Aim of the task —
The records sit below. Return every line in them that holds the word "under".

#### Extracted records ####

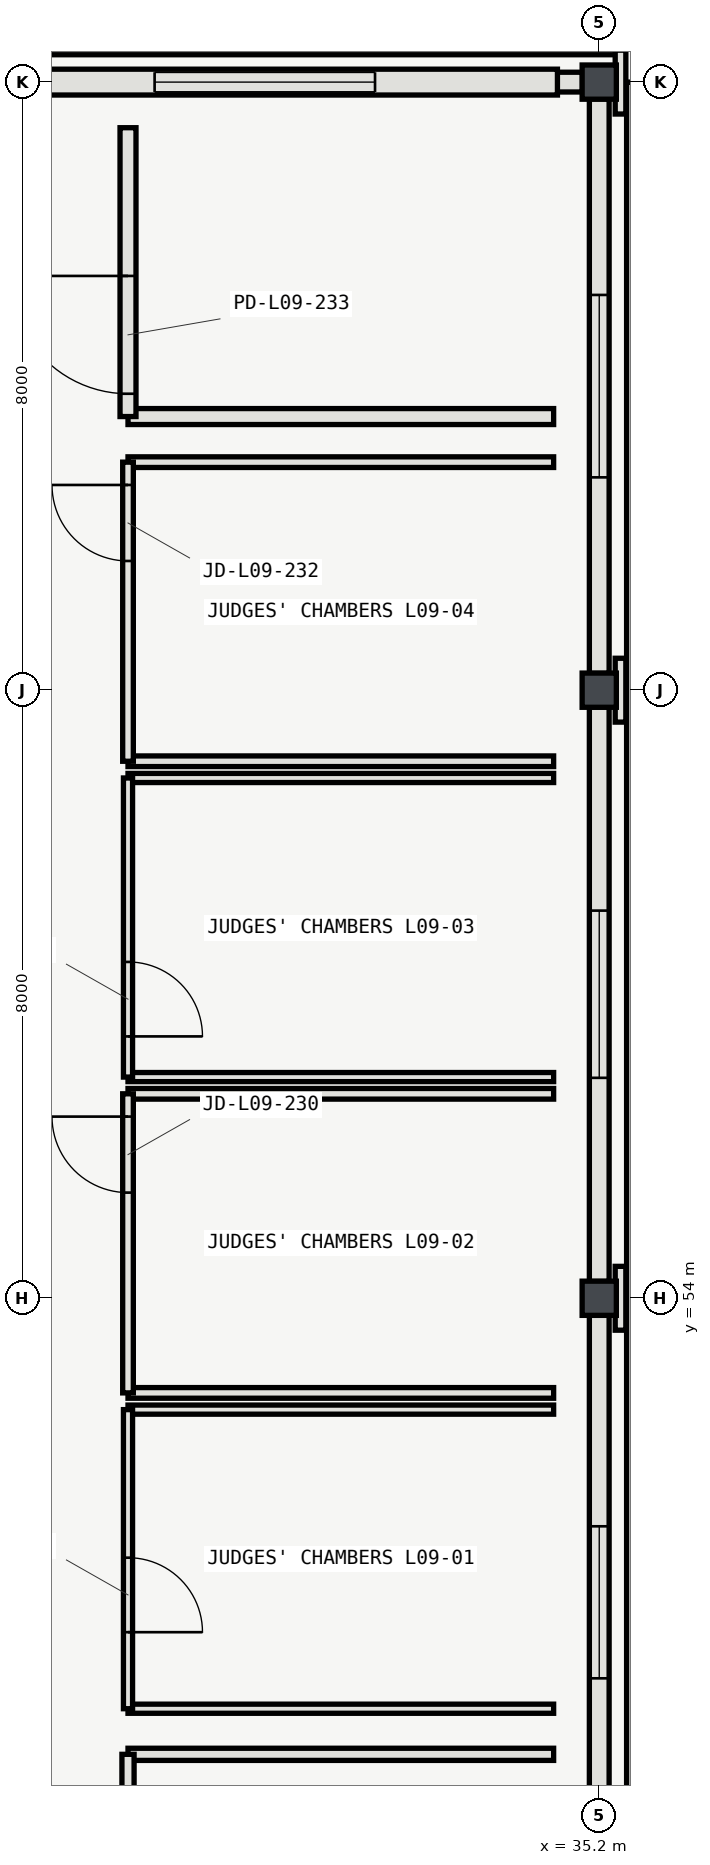
"""IFC4 building model, lengths in metres.
Left out: names, types, materials, properties, quantities, classifications, styles, units other than length and angle.
Written with IfcOpenShell. Run it as: python <this file> out.ifc"""

import sys

from ifc_helpers import new_model, si_unit, direction, frame, frame_2d, origin, origin_2d, place, context, subcontext, project, spatial, polyline, rectangle, hollow_rectangle, outline, extrude, element, fill, save


model = new_model("IFC4")
c1 = context("Model", 3, precision=1e-05, world=origin(), true_north=direction((0.0, 1.0)))
c2 = subcontext(c1, "Body", "Model", "MODEL_VIEW")
j1 = project(units=[si_unit("LENGTHUNIT", "METRE"), si_unit("PLANEANGLEUNIT", "RADIAN")], contexts=[c1])
p1 = place(None, origin())
s1 = spatial("IfcSite", under=j1, at=p1, CompositionType="ELEMENT")
p2 = place(p1, origin())
s2 = spatial("IfcBuilding", under=s1, at=p2, CompositionType="ELEMENT")
p3 = place(p2, frame((0.0, 0.0, 41.4)))
s3 = spatial("IfcBuildingStorey", under=s2, at=p3, CompositionType="ELEMENT", Elevation=41.4)
for number, where, z_axis, x_axis in (
    (1, (35.2, 54.0, 0.0), (0.0, 0.0, 1.0), (1.0, 0.0, 0.0)),
    (2, (35.2, 62.0, 0.0), (0.0, 0.0, 1.0), (1.0, 0.0, 0.0)),
    (3, (35.2, 70.0, 0.0), (0.0, 0.0, 1.0), (1.0, 0.0, 0.0)),
):
    element("IfcColumn", number, at=place(p3, frame(where, z_axis=z_axis, x_axis=x_axis)), inside=s3, PredefinedType="COLUMN", context=c2, shape_type="SweptSolid", body=[
        extrude(hollow_rectangle(XDim=0.45, YDim=0.45, WallThickness=0.018, InnerFilletRadius=0.018, OuterFilletRadius=0.036, at=origin_2d()), origin(), (0.0, 0.0, 1.0), 4.2),
    ])
p4 = place(p3, frame((34.979, 70.0, 0.0), z_axis=(0.0, 0.0, 1.0), x_axis=(-1.0, 0.0, 0.0)))
e4 = element("IfcWall", 4, at=p4, inside=s3, PredefinedType="SOLIDWALL", context=c2, shape_type="SweptSolid", body=[
    extrude(rectangle(XDim=8.283, YDim=0.26, at=frame_2d((4.142, 0.0))), origin(), (0.0, 0.0, 1.0), 3.473),
])
p5 = place(p4, frame((2.729, 0.0, 0.95)))
e5 = element("IfcOpeningElement", 5, at=p5, cuts=e4, PredefinedType="OPENING", context=c2, shape_type="SweptSolid", body=[
    extrude(rectangle(XDim=2.9, YDim=1.95, at=frame_2d((1.45, 0.975))), frame((0.0, 0.14, 0.0), z_axis=(0.0, -1.0, 0.0), x_axis=(1.0, 0.0, 0.0)), (0.0, 0.0, 1.0), 0.28),
])
p6 = place(p3, frame((35.2, 46.221, 0.0), z_axis=(0.0, 0.0, 1.0), x_axis=(0.0, 1.0, 0.0)))
e6 = element("IfcWall", 6, at=p6, inside=s3, PredefinedType="SOLIDWALL", context=c2, shape_type="SweptSolid", body=[
    extrude(rectangle(XDim=7.558, YDim=0.26, at=frame_2d((3.779, 0.0))), origin(), (0.0, 0.0, 1.0), 3.473),
])
p7 = place(p6, frame((2.779, 0.0, 0.95)))
e7 = element("IfcOpeningElement", 7, at=p7, cuts=e6, PredefinedType="OPENING", context=c2, shape_type="SweptSolid", body=[
    extrude(rectangle(XDim=2.0, YDim=1.8, at=frame_2d((1.0, 0.9))), frame((0.0, 0.14, 0.0), z_axis=(0.0, -1.0, 0.0), x_axis=(1.0, 0.0, 0.0)), (0.0, 0.0, 1.0), 0.28),
])
p8 = place(p3, frame((35.2, 54.221, 0.0), z_axis=(0.0, 0.0, 1.0), x_axis=(0.0, 1.0, 0.0)))
e8 = element("IfcWall", 8, at=p8, inside=s3, PredefinedType="SOLIDWALL", context=c2, shape_type="SweptSolid", body=[
    extrude(rectangle(XDim=7.558, YDim=0.26, at=frame_2d((3.779, 0.0))), origin(), (0.0, 0.0, 1.0), 3.473),
])
p9 = place(p8, frame((2.679, 0.0, 0.95)))
e9 = element("IfcOpeningElement", 9, at=p9, cuts=e8, PredefinedType="OPENING", context=c2, shape_type="SweptSolid", body=[
    extrude(rectangle(XDim=2.2, YDim=1.8, at=frame_2d((1.1, 0.9))), frame((0.0, 0.14, 0.0), z_axis=(0.0, -1.0, 0.0), x_axis=(1.0, 0.0, 0.0)), (0.0, 0.0, 1.0), 0.28),
])
p10 = place(p3, frame((35.2, 62.221, 0.0), z_axis=(0.0, 0.0, 1.0), x_axis=(0.0, 1.0, 0.0)))
e10 = element("IfcWall", 10, at=p10, inside=s3, PredefinedType="SOLIDWALL", context=c2, shape_type="SweptSolid", body=[
    extrude(rectangle(XDim=7.558, YDim=0.26, at=frame_2d((3.779, 0.0))), origin(), (0.0, 0.0, 1.0), 3.473),
])
p11 = place(p10, frame((2.579, 0.0, 0.95)))
e11 = element("IfcOpeningElement", 11, at=p11, cuts=e10, PredefinedType="OPENING", context=c2, shape_type="SweptSolid", body=[
    extrude(rectangle(XDim=2.4, YDim=1.8, at=frame_2d((1.2, 0.9))), frame((0.0, 0.14, 0.0), z_axis=(0.0, -1.0, 0.0), x_axis=(1.0, 0.0, 0.0)), (0.0, 0.0, 1.0), 0.28),
])
p12 = place(p3, frame((34.65, 70.0, 4.42), z_axis=(0.0, 0.0, 1.0), x_axis=(-1.0, 0.0, 0.0)))
e12 = element("IfcWall", 12, at=p12, inside=s3, PredefinedType="SOLIDWALL", context=c2, shape_type="SweptSolid", body=[
    extrude(outline(polyline([(0.0, 0.0), (34.1, 0.0), (34.1, 0.2), (22.087, 3.0), (0.0, 0.2), (0.0, 0.0)])), frame((0.0, 0.17, 0.0), z_axis=(0.0, -1.0, 0.0), x_axis=(1.0, 0.0, 0.0)), (0.0, 0.0, 1.0), 0.34),
])
p13 = place(p12, frame((21.087, 0.0, 0.55)))
e13 = element("IfcOpeningElement", 13, at=p13, cuts=e12, PredefinedType="OPENING", context=c2, shape_type="SweptSolid", body=[
    extrude(outline(polyline([(2.0, 1.0), (1.985, 1.174), (1.94, 1.342), (1.866, 1.5), (1.766, 1.643), (1.643, 1.766), (1.5, 1.866), (1.342, 1.94), (1.174, 1.985), (1.0, 2.0), (0.826, 1.985), (0.658, 1.94), (0.5, 1.866), (0.357, 1.766), (0.234, 1.643), (0.134, 1.5), (0.06, 1.342), (0.015, 1.174), (0.0, 1.0), (0.015, 0.826), (0.06, 0.658), (0.134, 0.5), (0.234, 0.357), (0.357, 0.234), (0.5, 0.134), (0.658, 0.06), (0.826, 0.015), (1.0, 0.0), (1.174, 0.015), (1.342, 0.06), (1.5, 0.134), (1.643, 0.234), (1.766, 0.357), (1.866, 0.5), (1.94, 0.658), (1.985, 0.826), (2.0, 1.0)])), frame((0.0, 0.18, 0.0), z_axis=(0.0, -1.0, 0.0), x_axis=(1.0, 0.0, 0.0)), (0.0, 0.0, 1.0), 0.36),
])
p14 = place(p3, frame((35.64, 38.0, 0.0), z_axis=(0.0, 0.0, 1.0), x_axis=(0.0, 1.0, 0.0)))
e14 = element("IfcWall", 14, at=p14, inside=s3, PredefinedType="SOLIDWALL", context=c2, shape_type="SweptSolid", body=[
    extrude(rectangle(XDim=32.0, YDim=0.16, at=frame_2d((16.0, 0.0))), origin(), (0.0, 0.0, 1.0), 0.58),
])
p15 = place(p3, frame((35.54, 70.44, 0.0), z_axis=(0.0, 0.0, 1.0), x_axis=(-1.0, 0.0, 0.0)))
e15 = element("IfcWall", 15, at=p15, inside=s3, PredefinedType="SOLIDWALL", context=c2, shape_type="SweptSolid", body=[
    extrude(rectangle(XDim=35.88, YDim=0.16, at=frame_2d((17.94, 0.0))), origin(), (0.0, 0.0, 1.0), 0.58),
])
for number, where, z_axis, x_axis in (
    (16, (35.48, 53.58, 0.0), (0.0, 0.0, 1.0), (0.0, 1.0, 0.0)),
    (17, (35.48, 61.58, 0.0), (0.0, 0.0, 1.0), (0.0, 1.0, 0.0)),
    (18, (35.48, 69.58, 0.0), (0.0, 0.0, 1.0), (0.0, 1.0, 0.0)),
):
    element("IfcWall", number, at=place(p3, frame(where, z_axis=z_axis, x_axis=x_axis)), inside=s3, PredefinedType="SOLIDWALL", context=c2, shape_type="SweptSolid", body=[
        extrude(rectangle(XDim=0.84, YDim=0.14, at=frame_2d((0.42, 0.0))), origin(), (0.0, 0.0, 1.0), 3.94),
    ])
p16 = place(p3, frame((34.6, 48.0, 0.0), z_axis=(0.0, 0.0, 1.0), x_axis=(-1.0, 0.0, 0.0)))
e19 = element("IfcWall", 19, at=p16, inside=s3, PredefinedType="PARTITIONING", context=c2, shape_type="SweptSolid", body=[
    extrude(rectangle(XDim=5.6, YDim=0.16, at=frame_2d((2.8, 0.0))), origin(), (0.0, 0.0, 1.0), 3.92),
])
p17 = place(p3, frame((29.0, 48.0, 0.0), z_axis=(0.0, 0.0, 1.0), x_axis=(0.0, -1.0, 0.0)))
e20 = element("IfcWall", 20, at=p17, inside=s3, PredefinedType="PARTITIONING", context=c2, shape_type="SweptSolid", body=[
    extrude(rectangle(XDim=9.4, YDim=0.16, at=frame_2d((4.7, 0.0))), origin(), (0.0, 0.0, 1.0), 3.92),
])
p18 = place(p17, frame((5.634, 0.0, 0.0)))
e21 = element("IfcOpeningElement", 21, at=p18, cuts=e20, PredefinedType="OPENING", context=c2, shape_type="SweptSolid", body=[
    extrude(rectangle(XDim=1.18, YDim=2.2, at=frame_2d((0.59, 1.1))), frame((0.0, 0.09, 0.0), z_axis=(0.0, -1.0, 0.0), x_axis=(1.0, 0.0, 0.0)), (0.0, 0.0, 1.0), 0.18),
])
for number, where, z_axis, x_axis in (
    (22, (29.0, 48.6, 0.0), (0.0, 0.0, 1.0), (1.0, 0.0, 0.0)),
    (23, (34.6, 52.535, 0.0), (0.0, 0.0, 1.0), (-1.0, 0.0, 0.0)),
):
    element("IfcWall", number, at=place(p3, frame(where, z_axis=z_axis, x_axis=x_axis)), inside=s3, PredefinedType="PARTITIONING", context=c2, shape_type="SweptSolid", body=[
        extrude(rectangle(XDim=5.6, YDim=0.12, at=frame_2d((2.8, 0.0))), origin(), (0.0, 0.0, 1.0), 3.92),
    ])
p19 = place(p3, frame((29.0, 52.535, 0.0), z_axis=(0.0, 0.0, 1.0), x_axis=(0.0, -1.0, 0.0)))
e24 = element("IfcWall", 24, at=p19, inside=s3, PredefinedType="PARTITIONING", context=c2, shape_type="SweptSolid", body=[
    extrude(rectangle(XDim=3.935, YDim=0.12, at=frame_2d((1.967, 0.0))), origin(), (0.0, 0.0, 1.0), 3.92),
])
p20 = place(p19, frame((1.948, 0.0, 0.0)))
e25 = element("IfcOpeningElement", 25, at=p20, cuts=e24, PredefinedType="OPENING", context=c2, shape_type="SweptSolid", body=[
    extrude(rectangle(XDim=0.98, YDim=2.2, at=frame_2d((0.49, 1.1))), frame((0.0, 0.07, 0.0), z_axis=(0.0, -1.0, 0.0), x_axis=(1.0, 0.0, 0.0)), (0.0, 0.0, 1.0), 0.14),
])
for number, where, z_axis, x_axis in (
    (26, (29.0, 52.755, 0.0), (0.0, 0.0, 1.0), (1.0, 0.0, 0.0)),
    (27, (34.6, 56.69, 0.0), (0.0, 0.0, 1.0), (-1.0, 0.0, 0.0)),
):
    element("IfcWall", number, at=place(p3, frame(where, z_axis=z_axis, x_axis=x_axis)), inside=s3, PredefinedType="PARTITIONING", context=c2, shape_type="SweptSolid", body=[
        extrude(rectangle(XDim=5.6, YDim=0.14, at=frame_2d((2.8, 0.0))), origin(), (0.0, 0.0, 1.0), 3.92),
    ])
p21 = place(p3, frame((29.0, 56.69, 0.0), z_axis=(0.0, 0.0, 1.0), x_axis=(0.0, -1.0, 0.0)))
e28 = element("IfcWall", 28, at=p21, inside=s3, PredefinedType="PARTITIONING", context=c2, shape_type="SweptSolid", body=[
    extrude(rectangle(XDim=3.935, YDim=0.14, at=frame_2d((1.968, 0.0))), origin(), (0.0, 0.0, 1.0), 3.92),
])
p22 = place(p21, frame((0.3, 0.0, 0.0)))
e29 = element("IfcOpeningElement", 29, at=p22, cuts=e28, PredefinedType="OPENING", context=c2, shape_type="SweptSolid", body=[
    extrude(rectangle(XDim=1.0, YDim=2.15, at=frame_2d((0.5, 1.075))), frame((0.0, 0.08, 0.0), z_axis=(0.0, -1.0, 0.0), x_axis=(1.0, 0.0, 0.0)), (0.0, 0.0, 1.0), 0.16),
])
for number, where, z_axis, x_axis in (
    (30, (29.0, 56.91, 0.0), (0.0, 0.0, 1.0), (1.0, 0.0, 0.0)),
    (31, (34.6, 60.845, 0.0), (0.0, 0.0, 1.0), (-1.0, 0.0, 0.0)),
):
    element("IfcWall", number, at=place(p3, frame(where, z_axis=z_axis, x_axis=x_axis)), inside=s3, PredefinedType="PARTITIONING", context=c2, shape_type="SweptSolid", body=[
        extrude(rectangle(XDim=5.6, YDim=0.12, at=frame_2d((2.8, 0.0))), origin(), (0.0, 0.0, 1.0), 3.92),
    ])
p23 = place(p3, frame((29.0, 60.845, 0.0), z_axis=(0.0, 0.0, 1.0), x_axis=(0.0, -1.0, 0.0)))
e32 = element("IfcWall", 32, at=p23, inside=s3, PredefinedType="PARTITIONING", context=c2, shape_type="SweptSolid", body=[
    extrude(rectangle(XDim=3.935, YDim=0.12, at=frame_2d((1.968, 0.0))), origin(), (0.0, 0.0, 1.0), 3.92),
])
p24 = place(p23, frame((2.42, 0.0, 0.0)))
e33 = element("IfcOpeningElement", 33, at=p24, cuts=e32, PredefinedType="OPENING", context=c2, shape_type="SweptSolid", body=[
    extrude(rectangle(XDim=0.98, YDim=2.15, at=frame_2d((0.49, 1.075))), frame((0.0, 0.07, 0.0), z_axis=(0.0, -1.0, 0.0), x_axis=(1.0, 0.0, 0.0)), (0.0, 0.0, 1.0), 0.14),
])
for number, where, z_axis, x_axis in (
    (34, (29.0, 61.065, 0.0), (0.0, 0.0, 1.0), (1.0, 0.0, 0.0)),
    (35, (34.6, 65.0, 0.0), (0.0, 0.0, 1.0), (-1.0, 0.0, 0.0)),
):
    element("IfcWall", number, at=place(p3, frame(where, z_axis=z_axis, x_axis=x_axis)), inside=s3, PredefinedType="PARTITIONING", context=c2, shape_type="SweptSolid", body=[
        extrude(rectangle(XDim=5.6, YDim=0.14, at=frame_2d((2.8, 0.0))), origin(), (0.0, 0.0, 1.0), 3.92),
    ])
p25 = place(p3, frame((29.0, 65.0, 0.0), z_axis=(0.0, 0.0, 1.0), x_axis=(0.0, -1.0, 0.0)))
e36 = element("IfcWall", 36, at=p25, inside=s3, PredefinedType="PARTITIONING", context=c2, shape_type="SweptSolid", body=[
    extrude(rectangle(XDim=3.935, YDim=0.14, at=frame_2d((1.968, 0.0))), origin(), (0.0, 0.0, 1.0), 3.92),
])
p26 = place(p25, frame((0.3, 0.0, 0.0)))
e37 = element("IfcOpeningElement", 37, at=p26, cuts=e36, PredefinedType="OPENING", context=c2, shape_type="SweptSolid", body=[
    extrude(rectangle(XDim=1.0, YDim=2.2, at=frame_2d((0.5, 1.1))), frame((0.0, 0.08, 0.0), z_axis=(0.0, -1.0, 0.0), x_axis=(1.0, 0.0, 0.0)), (0.0, 0.0, 1.0), 0.16),
])
p27 = place(p3, frame((29.0, 65.6, 0.0), z_axis=(0.0, 0.0, 1.0), x_axis=(1.0, 0.0, 0.0)))
e38 = element("IfcWall", 38, at=p27, inside=s3, PredefinedType="PARTITIONING", context=c2, shape_type="SweptSolid", body=[
    extrude(rectangle(XDim=5.6, YDim=0.21, at=frame_2d((2.8, 0.0))), origin(), (0.0, 0.0, 1.0), 3.92),
])
p28 = place(p3, frame((29.0, 69.4, 0.0), z_axis=(0.0, 0.0, 1.0), x_axis=(0.0, -1.0, 0.0)))
e39 = element("IfcWall", 39, at=p28, inside=s3, PredefinedType="PARTITIONING", context=c2, shape_type="SweptSolid", body=[
    extrude(rectangle(XDim=3.8, YDim=0.21, at=frame_2d((1.9, 0.0))), origin(), (0.0, 0.0, 1.0), 3.92),
])
p29 = place(p28, frame((1.95, 0.0, 0.0)))
e40 = element("IfcOpeningElement", 40, at=p29, cuts=e39, PredefinedType="OPENING", context=c2, shape_type="SweptSolid", body=[
    extrude(rectangle(XDim=1.55, YDim=2.25, at=frame_2d((0.775, 1.125))), frame((0.0, 0.115, 0.0), z_axis=(0.0, -1.0, 0.0), x_axis=(1.0, 0.0, 0.0)), (0.0, 0.0, 1.0), 0.23),
])
p30 = place(p5, origin())
e41 = element("IfcWindow", 41, at=p30, inside=s3, PartitioningType="SINGLE_PANEL", PredefinedType="WINDOW", context=c2, shape_type="SweptSolid", body=[
    extrude(rectangle(XDim=2.9, YDim=1.95, at=frame_2d((1.45, 0.975))), frame((0.0, 0.03, 0.0), z_axis=(0.0, -1.0, 0.0), x_axis=(1.0, 0.0, 0.0)), (0.0, 0.0, 1.0), 0.06),
])
fill(e5, e41)
p31 = place(p7, origin())
e42 = element("IfcWindow", 42, at=p31, inside=s3, PartitioningType="SINGLE_PANEL", PredefinedType="WINDOW", context=c2, shape_type="SweptSolid", body=[
    extrude(rectangle(XDim=2.0, YDim=1.8, at=frame_2d((1.0, 0.9))), frame((0.0, 0.03, 0.0), z_axis=(0.0, -1.0, 0.0), x_axis=(1.0, 0.0, 0.0)), (0.0, 0.0, 1.0), 0.06),
])
fill(e7, e42)
p32 = place(p9, origin())
e43 = element("IfcWindow", 43, at=p32, inside=s3, PartitioningType="SINGLE_PANEL", PredefinedType="WINDOW", context=c2, shape_type="SweptSolid", body=[
    extrude(rectangle(XDim=2.2, YDim=1.8, at=frame_2d((1.1, 0.9))), frame((0.0, 0.03, 0.0), z_axis=(0.0, -1.0, 0.0), x_axis=(1.0, 0.0, 0.0)), (0.0, 0.0, 1.0), 0.06),
])
fill(e9, e43)
p33 = place(p11, origin())
e44 = element("IfcWindow", 44, at=p33, inside=s3, PartitioningType="SINGLE_PANEL", PredefinedType="WINDOW", context=c2, shape_type="SweptSolid", body=[
    extrude(rectangle(XDim=2.4, YDim=1.8, at=frame_2d((1.2, 0.9))), frame((0.0, 0.03, 0.0), z_axis=(0.0, -1.0, 0.0), x_axis=(1.0, 0.0, 0.0)), (0.0, 0.0, 1.0), 0.06),
])
fill(e11, e44)
p34 = place(p20, origin())
e45 = element("IfcDoor", 45, at=p34, inside=s3, OperationType="SINGLE_SWING_RIGHT", PredefinedType="DOOR", context=c2, shape_type="SweptSolid", body=[
    extrude(rectangle(XDim=0.98, YDim=2.2, at=frame_2d((0.49, 1.1))), frame((0.0, 0.025, 0.0), z_axis=(0.0, -1.0, 0.0), x_axis=(1.0, 0.0, 0.0)), (0.0, 0.0, 1.0), 0.05),
])
fill(e25, e45)
p35 = place(p22, origin())
e46 = element("IfcDoor", 46, at=p35, inside=s3, OperationType="SINGLE_SWING_LEFT", PredefinedType="DOOR", context=c2, shape_type="SweptSolid", body=[
    extrude(rectangle(XDim=1.0, YDim=2.15, at=frame_2d((0.5, 1.075))), frame((0.0, 0.025, 0.0), z_axis=(0.0, -1.0, 0.0), x_axis=(1.0, 0.0, 0.0)), (0.0, 0.0, 1.0), 0.05),
])
fill(e29, e46)
p36 = place(p24, origin())
e47 = element("IfcDoor", 47, at=p36, inside=s3, OperationType="SINGLE_SWING_RIGHT", PredefinedType="DOOR", context=c2, shape_type="SweptSolid", body=[
    extrude(rectangle(XDim=0.98, YDim=2.15, at=frame_2d((0.49, 1.075))), frame((0.0, 0.025, 0.0), z_axis=(0.0, -1.0, 0.0), x_axis=(1.0, 0.0, 0.0)), (0.0, 0.0, 1.0), 0.05),
])
fill(e33, e47)
p37 = place(p26, origin())
e48 = element("IfcDoor", 48, at=p37, inside=s3, OperationType="SINGLE_SWING_LEFT", PredefinedType="DOOR", context=c2, shape_type="SweptSolid", body=[
    extrude(rectangle(XDim=1.0, YDim=2.2, at=frame_2d((0.5, 1.1))), frame((0.0, 0.025, 0.0), z_axis=(0.0, -1.0, 0.0), x_axis=(1.0, 0.0, 0.0)), (0.0, 0.0, 1.0), 0.05),
])
fill(e37, e48)
p38 = place(p29, origin())
e49 = element("IfcDoor", 49, at=p38, inside=s3, OperationType="DOUBLE_DOOR_SINGLE_SWING", PredefinedType="DOOR", context=c2, shape_type="SweptSolid", body=[
    extrude(rectangle(XDim=1.55, YDim=2.25, at=frame_2d((0.775, 1.125))), frame((0.0, 0.025, 0.0), z_axis=(0.0, -1.0, 0.0), x_axis=(1.0, 0.0, 0.0)), (0.0, 0.0, 1.0), 0.05),
])
fill(e40, e49)
save(model, sys.argv[1])

####

Written response —
s1 = spatial("IfcSite", under=j1, at=p1, CompositionType="ELEMENT")
s2 = spatial("IfcBuilding", under=s1, at=p2, CompositionType="ELEMENT")
s3 = spatial("IfcBuildingStorey", under=s2, at=p3, CompositionType="ELEMENT", Elevation=41.4)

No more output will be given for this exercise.